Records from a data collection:

+++

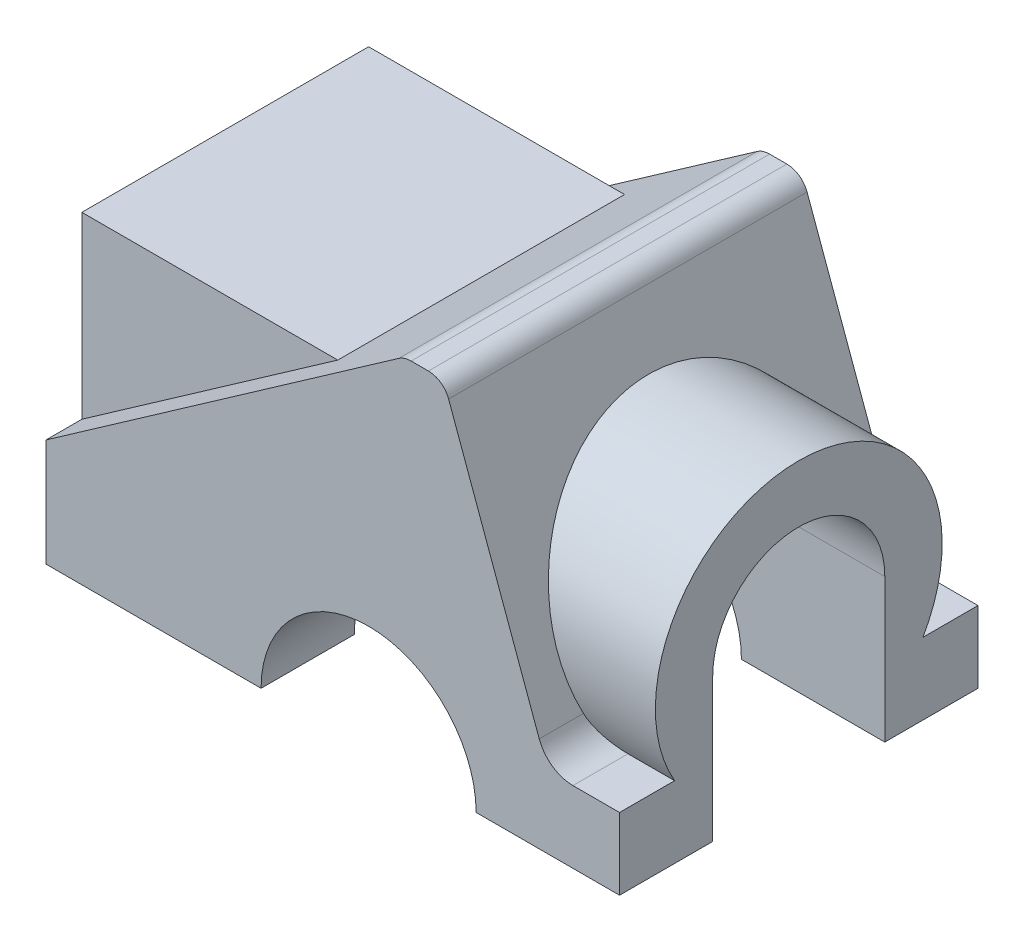
ISO-10303-21;
HEADER;
FILE_DESCRIPTION(('STEP AP214'),'2;1');
FILE_NAME('part.step','',(''),(''),'','','');
FILE_SCHEMA(('AUTOMOTIVE_DESIGN { 1 0 10303 214 1 1 1 1 }'));
ENDSEC;
DATA;
#1=APPLICATION_CONTEXT('core data for automotive mechanical design processes');
#2=APPLICATION_PROTOCOL_DEFINITION('international standard','automotive_design',2000,#1);
#3=PRODUCT_CONTEXT('',#1,'mechanical');
#4=PRODUCT('Part','Part','',(#3));
#5=PRODUCT_RELATED_PRODUCT_CATEGORY('part','',(#4));
#6=PRODUCT_DEFINITION_FORMATION('','',#4);
#7=PRODUCT_DEFINITION_CONTEXT('part definition',#1,'design');
#8=PRODUCT_DEFINITION('design','',#6,#7);
#9=PRODUCT_DEFINITION_SHAPE('','',#8);
#10=(LENGTH_UNIT() NAMED_UNIT(*) SI_UNIT(.MILLI.,.METRE.));
#11=(NAMED_UNIT(*) PLANE_ANGLE_UNIT() SI_UNIT($,.RADIAN.));
#12=(NAMED_UNIT(*) SI_UNIT($,.STERADIAN.) SOLID_ANGLE_UNIT());
#13=UNCERTAINTY_MEASURE_WITH_UNIT(LENGTH_MEASURE(1.E-05),#10,'distance_accuracy_value','');
#14=(GEOMETRIC_REPRESENTATION_CONTEXT(3) GLOBAL_UNCERTAINTY_ASSIGNED_CONTEXT((#13)) GLOBAL_UNIT_ASSIGNED_CONTEXT((#10,
#11,#12)) REPRESENTATION_CONTEXT('',''));
#15=CARTESIAN_POINT('',(0.,0.,0.));
#16=DIRECTION('',(0.,0.,1.));
#17=DIRECTION('',(1.,0.,0.));
#18=AXIS2_PLACEMENT_3D('',#15,#16,#17);
#19=CARTESIAN_POINT('',(-25.,-20.,-25.));
#20=DIRECTION('',(0.,-1.,0.));
#21=DIRECTION('',(0.,0.,-1.));
#22=AXIS2_PLACEMENT_3D('',#19,#20,#21);
#23=PLANE('',#22);
#24=DIRECTION('',(0.,0.,1.));
#25=VECTOR('',#24,1.);
#26=CARTESIAN_POINT('',(-20.,-20.,-25.));
#27=LINE('',#26,#25);
#28=CARTESIAN_POINT('',(-20.,-20.,-25.));
#29=VERTEX_POINT('',#28);
#30=CARTESIAN_POINT('',(-20.,-20.,-12.));
#31=VERTEX_POINT('',#30);
#32=EDGE_CURVE('E201',#29,#31,#27,.T.);
#33=ORIENTED_EDGE('',*,*,#32,.F.);
#34=DIRECTION('',(1.,0.,0.));
#35=VECTOR('',#34,1.);
#36=CARTESIAN_POINT('',(-25.,-20.,-25.));
#37=LINE('',#36,#35);
#38=CARTESIAN_POINT('',(0.,-20.,-25.));
#39=VERTEX_POINT('',#38);
#40=EDGE_CURVE('E213',#29,#39,#37,.T.);
#41=ORIENTED_EDGE('',*,*,#40,.T.);
#42=DIRECTION('',(0.,0.,-1.));
#43=VECTOR('',#42,1.);
#44=CARTESIAN_POINT('',(0.,-20.,-25.));
#45=LINE('',#44,#43);
#46=CARTESIAN_POINT('',(0.,-20.,-12.));
#47=VERTEX_POINT('',#46);
#48=EDGE_CURVE('E435',#47,#39,#45,.T.);
#49=ORIENTED_EDGE('',*,*,#48,.F.);
#50=DIRECTION('',(1.,0.,0.));
#51=VECTOR('',#50,1.);
#52=CARTESIAN_POINT('',(-80.,-20.,-12.));
#53=LINE('',#52,#51);
#54=EDGE_CURVE('E216',#31,#47,#53,.T.);
#55=ORIENTED_EDGE('',*,*,#54,.F.);
#56=EDGE_LOOP('',(#33,#41,#49,#55));
#57=FACE_BOUND('',#56,.T.);
#58=ADVANCED_FACE('F39',(#57),#23,.T.);
#59=CARTESIAN_POINT('',(-20.,-20.,12.));
#60=VERTEX_POINT('',#59);
#61=CARTESIAN_POINT('',(-20.,-20.,25.));
#62=VERTEX_POINT('',#61);
#63=EDGE_CURVE('E218',#60,#62,#27,.T.);
#64=ORIENTED_EDGE('',*,*,#63,.F.);
#65=DIRECTION('',(1.,0.,0.));
#66=VECTOR('',#65,1.);
#67=CARTESIAN_POINT('',(-80.,-20.,12.));
#68=LINE('',#67,#66);
#69=CARTESIAN_POINT('',(0.,-20.,12.));
#70=VERTEX_POINT('',#69);
#71=EDGE_CURVE('E370',#60,#70,#68,.T.);
#72=ORIENTED_EDGE('',*,*,#71,.T.);
#73=CARTESIAN_POINT('',(0.,-20.,25.));
#74=VERTEX_POINT('',#73);
#75=EDGE_CURVE('E433',#74,#70,#45,.T.);
#76=ORIENTED_EDGE('',*,*,#75,.F.);
#77=DIRECTION('',(1.,0.,0.));
#78=VECTOR('',#77,1.);
#79=CARTESIAN_POINT('',(-25.,-20.,25.));
#80=LINE('',#79,#78);
#81=EDGE_CURVE('E238',#62,#74,#80,.T.);
#82=ORIENTED_EDGE('',*,*,#81,.F.);
#83=EDGE_LOOP('',(#64,#72,#76,#82));
#84=FACE_BOUND('',#83,.T.);
#85=ADVANCED_FACE('F320',(#84),#23,.T.);
#86=DIRECTION('',(0.,0.,1.));
#87=VECTOR('',#86,1.);
#88=CARTESIAN_POINT('',(-50.,-20.,-25.));
#89=LINE('',#88,#87);
#90=CARTESIAN_POINT('',(-50.,-20.,-25.));
#91=VERTEX_POINT('',#90);
#92=CARTESIAN_POINT('',(-50.,-20.,-12.));
#93=VERTEX_POINT('',#92);
#94=EDGE_CURVE('E202',#91,#93,#89,.T.);
#95=ORIENTED_EDGE('',*,*,#94,.T.);
#96=CARTESIAN_POINT('',(-80.,-20.,-12.));
#97=VERTEX_POINT('',#96);
#98=EDGE_CURVE('E350',#97,#93,#53,.T.);
#99=ORIENTED_EDGE('',*,*,#98,.F.);
#100=DIRECTION('',(0.,0.,1.));
#101=VECTOR('',#100,1.);
#102=CARTESIAN_POINT('',(-80.,-20.,-20.));
#103=LINE('',#102,#101);
#104=CARTESIAN_POINT('',(-80.,-20.,-25.));
#105=VERTEX_POINT('',#104);
#106=EDGE_CURVE('E401',#105,#97,#103,.T.);
#107=ORIENTED_EDGE('',*,*,#106,.F.);
#108=EDGE_CURVE('E222',#105,#91,#37,.T.);
#109=ORIENTED_EDGE('',*,*,#108,.T.);
#110=EDGE_LOOP('',(#95,#99,#107,#109));
#111=FACE_BOUND('',#110,.T.);
#112=ADVANCED_FACE('F293',(#111),#23,.T.);
#113=CARTESIAN_POINT('',(-25.,0.,0.));
#114=DIRECTION('',(1.,0.,0.));
#115=DIRECTION('',(0.,0.,-1.));
#116=AXIS2_PLACEMENT_3D('',#113,#114,#115);
#117=CYLINDRICAL_SURFACE('',#116,20.);
#118=DIRECTION('',(1.,0.,0.));
#119=VECTOR('',#118,1.);
#120=CARTESIAN_POINT('',(-25.,-10.,-17.3205080756888));
#121=LINE('',#120,#119);
#122=CARTESIAN_POINT('',(-6.50015293830348,-10.,-17.3205080756888));
#123=VERTEX_POINT('',#122);
#124=CARTESIAN_POINT('',(0.,-10.,-17.3205080756888));
#125=VERTEX_POINT('',#124);
#126=EDGE_CURVE('E250',#123,#125,#121,.T.);
#127=ORIENTED_EDGE('',*,*,#126,.F.);
#128=CARTESIAN_POINT('',(-6.50015293830348,-10.,-17.3205080756888));
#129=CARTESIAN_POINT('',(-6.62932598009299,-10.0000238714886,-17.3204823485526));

+++

### WHAT NEEDS TO BE DONE:
Pictures are to be left out while the lines from the beginning of the records through the line with "#48=EDGE_CURVE('E435',#47,#39,#45,.T.);" are copied word for word.

### EXERCISE RESPONSE:
ISO-10303-21;
HEADER;
FILE_DESCRIPTION(('STEP AP214'),'2;1');
FILE_NAME('part.step','',(''),(''),'','','');
FILE_SCHEMA(('AUTOMOTIVE_DESIGN { 1 0 10303 214 1 1 1 1 }'));
ENDSEC;
DATA;
#1=APPLICATION_CONTEXT('core data for automotive mechanical design processes');
#2=APPLICATION_PROTOCOL_DEFINITION('international standard','automotive_design',2000,#1);
#3=PRODUCT_CONTEXT('',#1,'mechanical');
#4=PRODUCT('Part','Part','',(#3));
#5=PRODUCT_RELATED_PRODUCT_CATEGORY('part','',(#4));
#6=PRODUCT_DEFINITION_FORMATION('','',#4);
#7=PRODUCT_DEFINITION_CONTEXT('part definition',#1,'design');
#8=PRODUCT_DEFINITION('design','',#6,#7);
#9=PRODUCT_DEFINITION_SHAPE('','',#8);
#10=(LENGTH_UNIT() NAMED_UNIT(*) SI_UNIT(.MILLI.,.METRE.));
#11=(NAMED_UNIT(*) PLANE_ANGLE_UNIT() SI_UNIT($,.RADIAN.));
#12=(NAMED_UNIT(*) SI_UNIT($,.STERADIAN.) SOLID_ANGLE_UNIT());
#13=UNCERTAINTY_MEASURE_WITH_UNIT(LENGTH_MEASURE(1.E-05),#10,'distance_accuracy_value','');
#14=(GEOMETRIC_REPRESENTATION_CONTEXT(3) GLOBAL_UNCERTAINTY_ASSIGNED_CONTEXT((#13)) GLOBAL_UNIT_ASSIGNED_CONTEXT((#10,
#11,#12)) REPRESENTATION_CONTEXT('',''));
#15=CARTESIAN_POINT('',(0.,0.,0.));
#16=DIRECTION('',(0.,0.,1.));
#17=DIRECTION('',(1.,0.,0.));
#18=AXIS2_PLACEMENT_3D('',#15,#16,#17);
#19=CARTESIAN_POINT('',(-25.,-20.,-25.));
#20=DIRECTION('',(0.,-1.,0.));
#21=DIRECTION('',(0.,0.,-1.));
#22=AXIS2_PLACEMENT_3D('',#19,#20,#21);
#23=PLANE('',#22);
#24=DIRECTION('',(0.,0.,1.));
#25=VECTOR('',#24,1.);
#26=CARTESIAN_POINT('',(-20.,-20.,-25.));
#27=LINE('',#26,#25);
#28=CARTESIAN_POINT('',(-20.,-20.,-25.));
#29=VERTEX_POINT('',#28);
#30=CARTESIAN_POINT('',(-20.,-20.,-12.));
#31=VERTEX_POINT('',#30);
#32=EDGE_CURVE('E201',#29,#31,#27,.T.);
#33=ORIENTED_EDGE('',*,*,#32,.F.);
#34=DIRECTION('',(1.,0.,0.));
#35=VECTOR('',#34,1.);
#36=CARTESIAN_POINT('',(-25.,-20.,-25.));
#37=LINE('',#36,#35);
#38=CARTESIAN_POINT('',(0.,-20.,-25.));
#39=VERTEX_POINT('',#38);
#40=EDGE_CURVE('E213',#29,#39,#37,.T.);
#41=ORIENTED_EDGE('',*,*,#40,.T.);
#42=DIRECTION('',(0.,0.,-1.));
#43=VECTOR('',#42,1.);
#44=CARTESIAN_POINT('',(0.,-20.,-25.));
#45=LINE('',#44,#43);
#46=CARTESIAN_POINT('',(0.,-20.,-12.));
#47=VERTEX_POINT('',#46);
#48=EDGE_CURVE('E435',#47,#39,#45,.T.);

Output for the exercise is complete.